* _Try it_
Where in the data below does the word "mode" appear? Copy each line that holds it.

(Stored data)
--

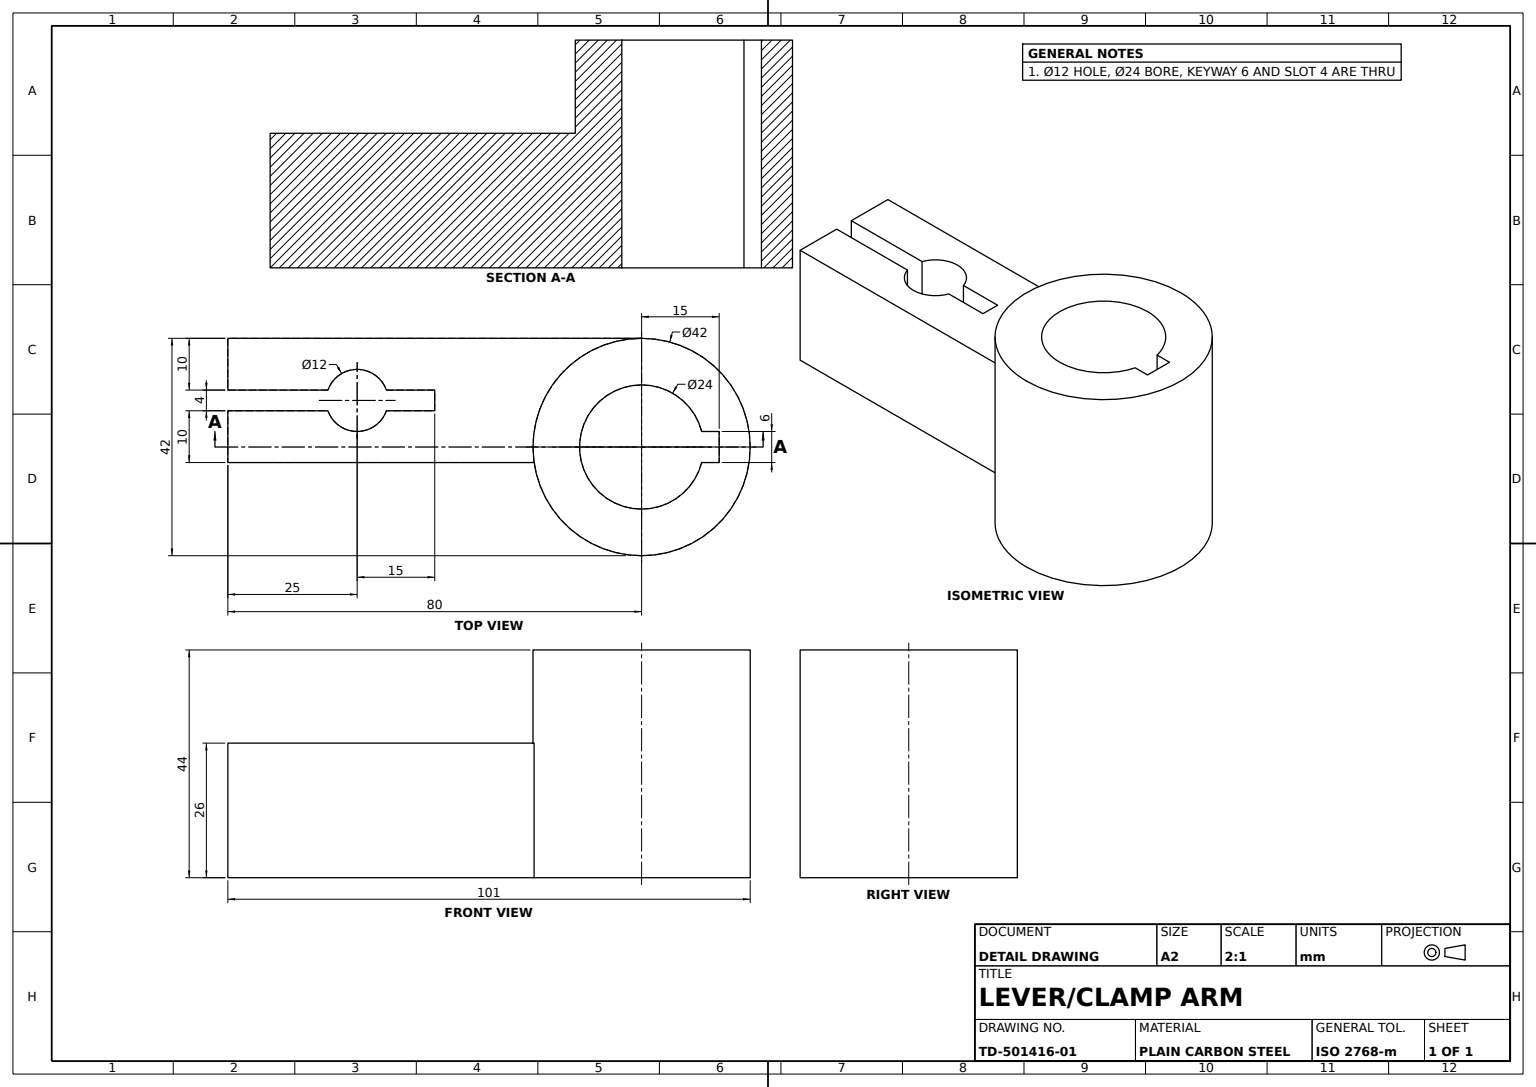
from build123d import *

# Parameters (mm, degrees)
LEVER_ARM_PROFILE_W        = 80
LEVER_ARM_PROFILE_H        = 26
LEVER_ARM_80X26_DEPTH      = 24
HUB_PROFILE_42_R           = 21
HUB_BOSS_42_DEPTH          = 26
HUB_START                  = 18
HUB_EXTENSION_PROFILE_42_R = 21
HUB_EXTENSION_42_DEPTH     = 18
CLAMP_SPLIT_SLOT_DEPTH     = 30
KEYED_BORE_24_DEPTH        = 50


with BuildPart() as part:
    # Lever Arm Profile → Lever Arm 80x26 (new body)
    with BuildSketch(Plane.XY):
        with Locations((40, 13)):
            Rectangle(LEVER_ARM_PROFILE_W, LEVER_ARM_PROFILE_H)
    extrude(amount=-LEVER_ARM_80X26_DEPTH)

    # Hub Profile Ø42 → Hub Boss Ø42 (add)
    with BuildSketch(Plane(origin=(0, 26, 0), x_dir=(1, 0, 0), z_dir=(0, 1, 0))):
        with Locations((80, 3)):
            Circle(HUB_PROFILE_42_R)
    extrude(amount=-HUB_BOSS_42_DEPTH)

    # Hub Extension Profile Ø42 → Hub Extension Ø42 (add)
    with BuildSketch(Plane(origin=(0, 26, 0), x_dir=(1, 0, 0), z_dir=(0, 1, 0)).offset(HUB_START)):
        with Locations(Location((80, 3, 0), (0, 0, 270))):
            Circle(HUB_EXTENSION_PROFILE_42_R)
    extrude(amount=-HUB_EXTENSION_42_DEPTH)

    # Clamp Slot Profile → Clamp Split Slot (cut)
    with BuildSketch(Plane(origin=(0, 26, 0), x_dir=(1, 0, 0), z_dir=(0, 1, 0))):
        with BuildLine():
            Line((0, 14), (0, 10))
            Line((0, 10), (19.343145751, 10))
            ThreePointArc((19.343145751, 10), (25, 6), (30.656854249, 10))
            Line((30.656854249, 10), (40, 10))
            Line((40, 10), (40, 14))
            Line((40, 14), (30.656854249, 14))
            ThreePointArc((30.656854249, 14), (25, 18), (19.343145751, 14))
            Line((19.343145751, 14), (0, 14))
        make_face()
    extrude(amount=-CLAMP_SPLIT_SLOT_DEPTH, mode=Mode.SUBTRACT)

    # Keyed Bore Profile → Keyed Bore Ø24 (cut)
    with BuildSketch(Plane(origin=(0, 44, 0), x_dir=(1, 0, 0), z_dir=(0, 1, 0))):
        with BuildLine():
            Line((95, 6), (91.618950039, 6))
            ThreePointArc((91.618950039, 6), (68, 3), (91.618950039, 0))
            Line((91.618950039, 0), (95, 0))
            Line((95, 0), (95, 6))
        make_face()
    extrude(amount=-KEYED_BORE_24_DEPTH, mode=Mode.SUBTRACT)


solid = part.part

--

* _Response_
    extrude(amount=-CLAMP_SPLIT_SLOT_DEPTH, mode=Mode.SUBTRACT)
    extrude(amount=-KEYED_BORE_24_DEPTH, mode=Mode.SUBTRACT)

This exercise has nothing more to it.